Your assignment
What is the number of lines in these entries that include "subcontext"? Write that number and no other text.

(Input material begins)

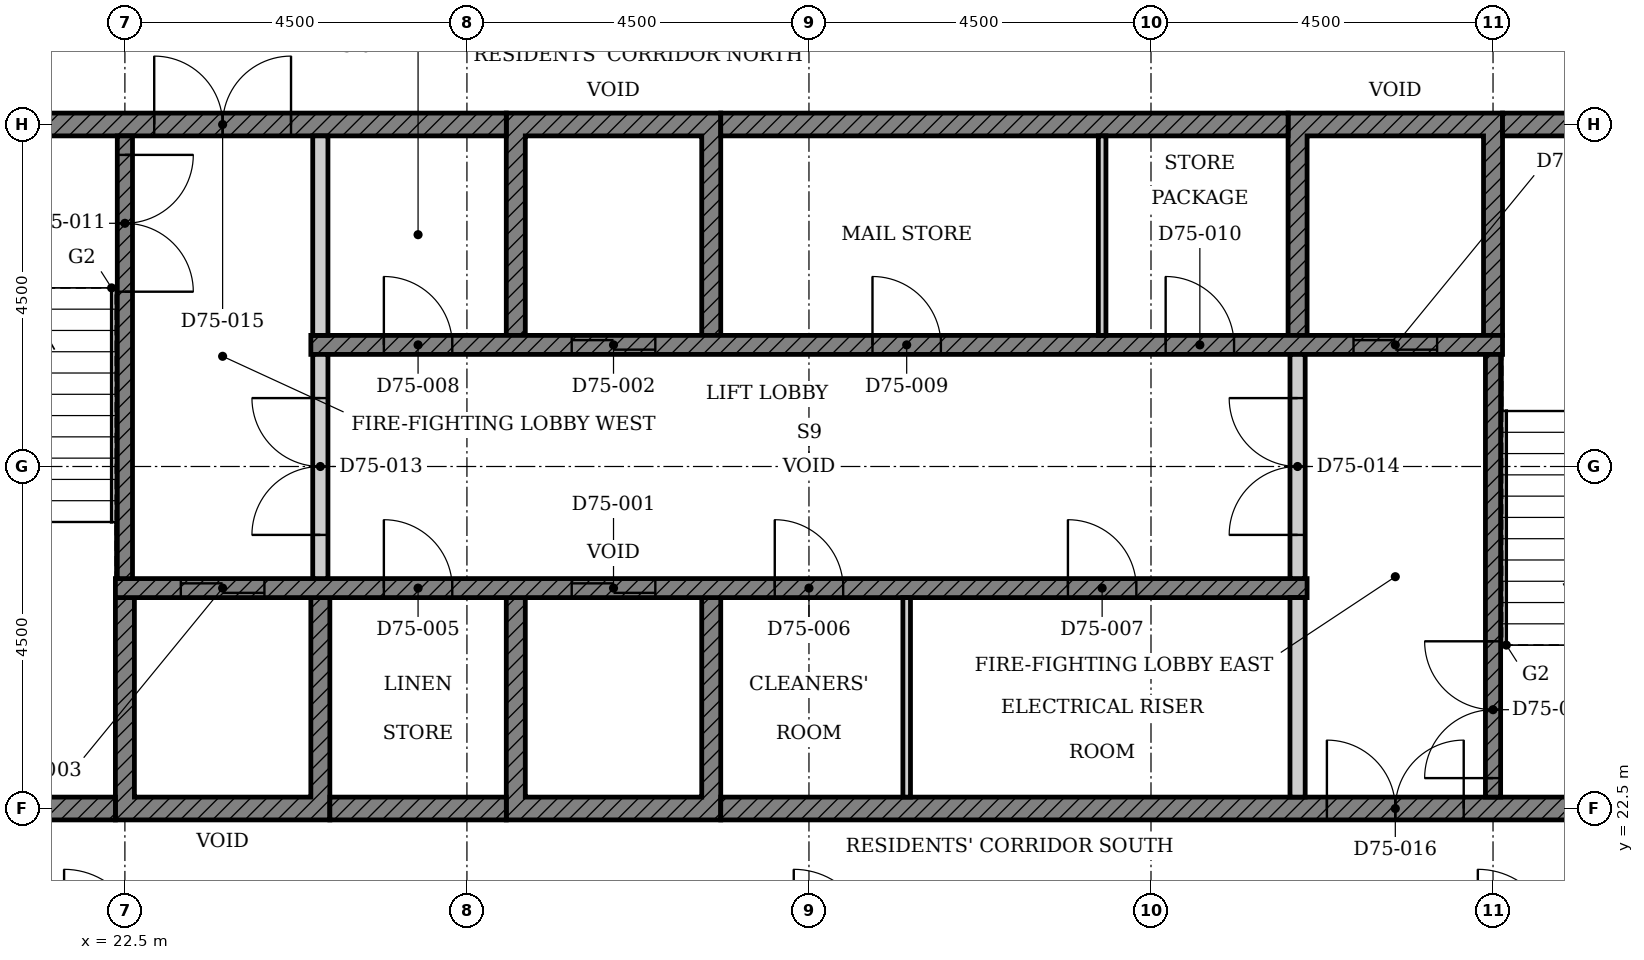
"""IFC4 building model, lengths in metres.
Left out: names, types, materials, properties, quantities, classifications, styles, units other than length and angle.
Written with IfcOpenShell. Run it as: python <this file> out.ifc"""

import sys

from ifc_helpers import new_model, si_unit, direction, frame, frame_2d, origin, place, context, subcontext, project, spatial, polyline, rectangle, outline, extrude, element, fill, save


model = new_model("IFC4")
c1 = context("Model", 3, precision=1e-05, world=origin(), true_north=direction((0.0, 1.0)))
c2 = subcontext(c1, "Body", "Model", "MODEL_VIEW")
j1 = project(units=[si_unit("LENGTHUNIT", "METRE"), si_unit("PLANEANGLEUNIT", "RADIAN")], contexts=[c1])
p1 = place(None, origin())
s1 = spatial("IfcSite", under=j1, at=p1, CompositionType="ELEMENT")
p2 = place(p1, origin())
s2 = spatial("IfcBuilding", under=s1, at=p2, CompositionType="ELEMENT")
p3 = place(p2, frame((0.0, 0.0, 294.5)))
s3 = spatial("IfcBuildingStorey", under=s2, at=p3, CompositionType="ELEMENT", Elevation=294.5)
p4 = place(p3, origin())
e1 = element("IfcWall", 1, at=p4, inside=s3, PredefinedType="SHEAR", context=c2, shape_type="SweptSolid", body=[
    extrude(outline(polyline([(22.375, 22.35), (25.197, 22.35), (25.197, 25.275), (24.947, 25.275), (24.947, 22.65), (22.625, 22.65), (22.625, 25.275), (22.375, 25.275), (22.375, 22.35)])), origin(), (0.0, 0.0, 1.0), 3.4),
])
p5 = place(p3, origin())
e2 = element("IfcWall", 2, at=p5, inside=s3, PredefinedType="SHEAR", context=c2, shape_type="SweptSolid", body=[
    extrude(outline(polyline([(27.518, 22.35), (30.339, 22.35), (30.339, 25.275), (30.089, 25.275), (30.089, 22.65), (27.768, 22.65), (27.768, 25.275), (27.518, 25.275), (27.518, 22.35)])), origin(), (0.0, 0.0, 1.0), 3.4),
])
p6 = place(p3, origin())
e3 = element("IfcWall", 3, at=p6, inside=s3, PredefinedType="SHEAR", context=c2, shape_type="SweptSolid", body=[
    extrude(outline(polyline([(27.518, 28.725), (27.768, 28.725), (27.768, 31.35), (30.089, 31.35), (30.089, 28.725), (30.339, 28.725), (30.339, 31.65), (27.518, 31.65), (27.518, 28.725)])), origin(), (0.0, 0.0, 1.0), 3.4),
])
p7 = place(p3, origin())
e4 = element("IfcWall", 4, at=p7, inside=s3, PredefinedType="SHEAR", context=c2, shape_type="SweptSolid", body=[
    extrude(outline(polyline([(37.803, 28.725), (38.053, 28.725), (38.053, 31.35), (40.375, 31.35), (40.375, 28.725), (40.625, 28.725), (40.625, 31.65), (37.803, 31.65), (37.803, 28.725)])), origin(), (0.0, 0.0, 1.0), 3.4),
])
p8 = place(p3, frame((18.15, 22.5, 0.0), z_axis=(0.0, 0.0, 1.0), x_axis=(1.0, 0.0, 0.0)))
e5 = element("IfcWall", 5, at=p8, inside=s3, PredefinedType="SHEAR", context=c2, shape_type="SweptSolid", body=[
    extrude(rectangle(XDim=4.225, YDim=0.3, at=frame_2d((2.113, 0.0))), origin(), (0.0, 0.0, 1.0), 3.4),
])
p9 = place(p3, frame((25.197, 22.5, 0.0), z_axis=(0.0, 0.0, 1.0), x_axis=(1.0, 0.0, 0.0)))
e6 = element("IfcWall", 6, at=p9, inside=s3, PredefinedType="SHEAR", context=c2, shape_type="SweptSolid", body=[
    extrude(rectangle(XDim=2.321, YDim=0.3, at=frame_2d((1.161, 0.0))), origin(), (0.0, 0.0, 1.0), 3.4),
])
p10 = place(p3, frame((30.339, 22.5, 0.0), z_axis=(0.0, 0.0, 1.0), x_axis=(1.0, 0.0, 0.0)))
e7 = element("IfcWall", 7, at=p10, inside=s3, PredefinedType="SHEAR", context=c2, shape_type="SweptSolid", body=[
    extrude(rectangle(XDim=14.511, YDim=0.3, at=frame_2d((7.255, 0.0))), origin(), (0.0, 0.0, 1.0), 3.4),
])
p11 = place(p10, frame((7.975, 0.0, 0.0)))
e8 = element("IfcOpeningElement", 8, at=p11, cuts=e7, PredefinedType="OPENING", context=c2, shape_type="SweptSolid", body=[
    extrude(rectangle(XDim=1.8, YDim=2.1, at=frame_2d((0.9, 1.05))), frame((0.0, 0.16, 0.0), z_axis=(0.0, -1.0, 0.0), x_axis=(1.0, 0.0, 0.0)), (0.0, 0.0, 1.0), 0.32),
])
p12 = place(p3, frame((18.15, 31.5, 0.0), z_axis=(0.0, 0.0, 1.0), x_axis=(1.0, 0.0, 0.0)))
e9 = element("IfcWall", 9, at=p12, inside=s3, PredefinedType="SHEAR", context=c2, shape_type="SweptSolid", body=[
    extrude(rectangle(XDim=9.368, YDim=0.3, at=frame_2d((4.684, 0.0))), origin(), (0.0, 0.0, 1.0), 3.4),
])
p13 = place(p12, frame((4.736, 0.0, 0.0)))
e10 = element("IfcOpeningElement", 10, at=p13, cuts=e9, PredefinedType="OPENING", context=c2, shape_type="SweptSolid", body=[
    extrude(rectangle(XDim=1.8, YDim=2.1, at=frame_2d((0.9, 1.05))), frame((0.0, 0.16, 0.0), z_axis=(0.0, -1.0, 0.0), x_axis=(1.0, 0.0, 0.0)), (0.0, 0.0, 1.0), 0.32),
])
p14 = place(p3, frame((30.339, 31.5, 0.0), z_axis=(0.0, 0.0, 1.0), x_axis=(1.0, 0.0, 0.0)))
e11 = element("IfcWall", 11, at=p14, inside=s3, PredefinedType="SHEAR", context=c2, shape_type="SweptSolid", body=[
    extrude(rectangle(XDim=7.464, YDim=0.3, at=frame_2d((3.732, 0.0))), origin(), (0.0, 0.0, 1.0), 3.4),
])
p15 = place(p3, frame((40.625, 31.5, 0.0), z_axis=(0.0, 0.0, 1.0), x_axis=(1.0, 0.0, 0.0)))
e12 = element("IfcWall", 12, at=p15, inside=s3, PredefinedType="SHEAR", context=c2, shape_type="SweptSolid", body=[
    extrude(rectangle(XDim=4.225, YDim=0.3, at=frame_2d((2.113, 0.0))), origin(), (0.0, 0.0, 1.0), 3.4),
])
p16 = place(p3, frame((22.375, 25.4, 0.0), z_axis=(0.0, 0.0, 1.0), x_axis=(1.0, 0.0, 0.0)))
e13 = element("IfcWall", 13, at=p16, inside=s3, PredefinedType="SHEAR", context=c2, shape_type="SweptSolid", body=[
    extrude(rectangle(XDim=15.678, YDim=0.25, at=frame_2d((7.839, 0.0))), origin(), (0.0, 0.0, 1.0), 3.4),
])
p17 = place(p16, frame((6.004, 0.0, 0.0)))
e14 = element("IfcOpeningElement", 14, at=p17, cuts=e13, PredefinedType="OPENING", context=c2, shape_type="SweptSolid", body=[
    extrude(rectangle(XDim=1.1, YDim=2.1, at=frame_2d((0.55, 1.05))), frame((0.0, 0.135, 0.0), z_axis=(0.0, -1.0, 0.0), x_axis=(1.0, 0.0, 0.0)), (0.0, 0.0, 1.0), 0.27),
])
p18 = place(p16, frame((0.861, 0.0, 0.0)))
e15 = element("IfcOpeningElement", 15, at=p18, cuts=e13, PredefinedType="OPENING", context=c2, shape_type="SweptSolid", body=[
    extrude(rectangle(XDim=1.1, YDim=2.1, at=frame_2d((0.55, 1.05))), frame((0.0, 0.135, 0.0), z_axis=(0.0, -1.0, 0.0), x_axis=(1.0, 0.0, 0.0)), (0.0, 0.0, 1.0), 0.27),
])
p19 = place(p16, frame((3.532, 0.0, 0.0)))
e16 = element("IfcOpeningElement", 16, at=p19, cuts=e13, PredefinedType="OPENING", context=c2, shape_type="SweptSolid", body=[
    extrude(rectangle(XDim=0.9, YDim=2.1, at=frame_2d((0.45, 1.05))), frame((0.0, 0.135, 0.0), z_axis=(0.0, -1.0, 0.0), x_axis=(1.0, 0.0, 0.0)), (0.0, 0.0, 1.0), 0.27),
])
p20 = place(p16, frame((8.675, 0.0, 0.0)))
e17 = element("IfcOpeningElement", 17, at=p20, cuts=e13, PredefinedType="OPENING", context=c2, shape_type="SweptSolid", body=[
    extrude(rectangle(XDim=0.9, YDim=2.1, at=frame_2d((0.45, 1.05))), frame((0.0, 0.135, 0.0), z_axis=(0.0, -1.0, 0.0), x_axis=(1.0, 0.0, 0.0)), (0.0, 0.0, 1.0), 0.27),
])
p21 = place(p16, frame((12.532, 0.0, 0.0)))
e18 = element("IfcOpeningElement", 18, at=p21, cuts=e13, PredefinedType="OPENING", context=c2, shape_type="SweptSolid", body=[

(Input material ends)

Answer box
2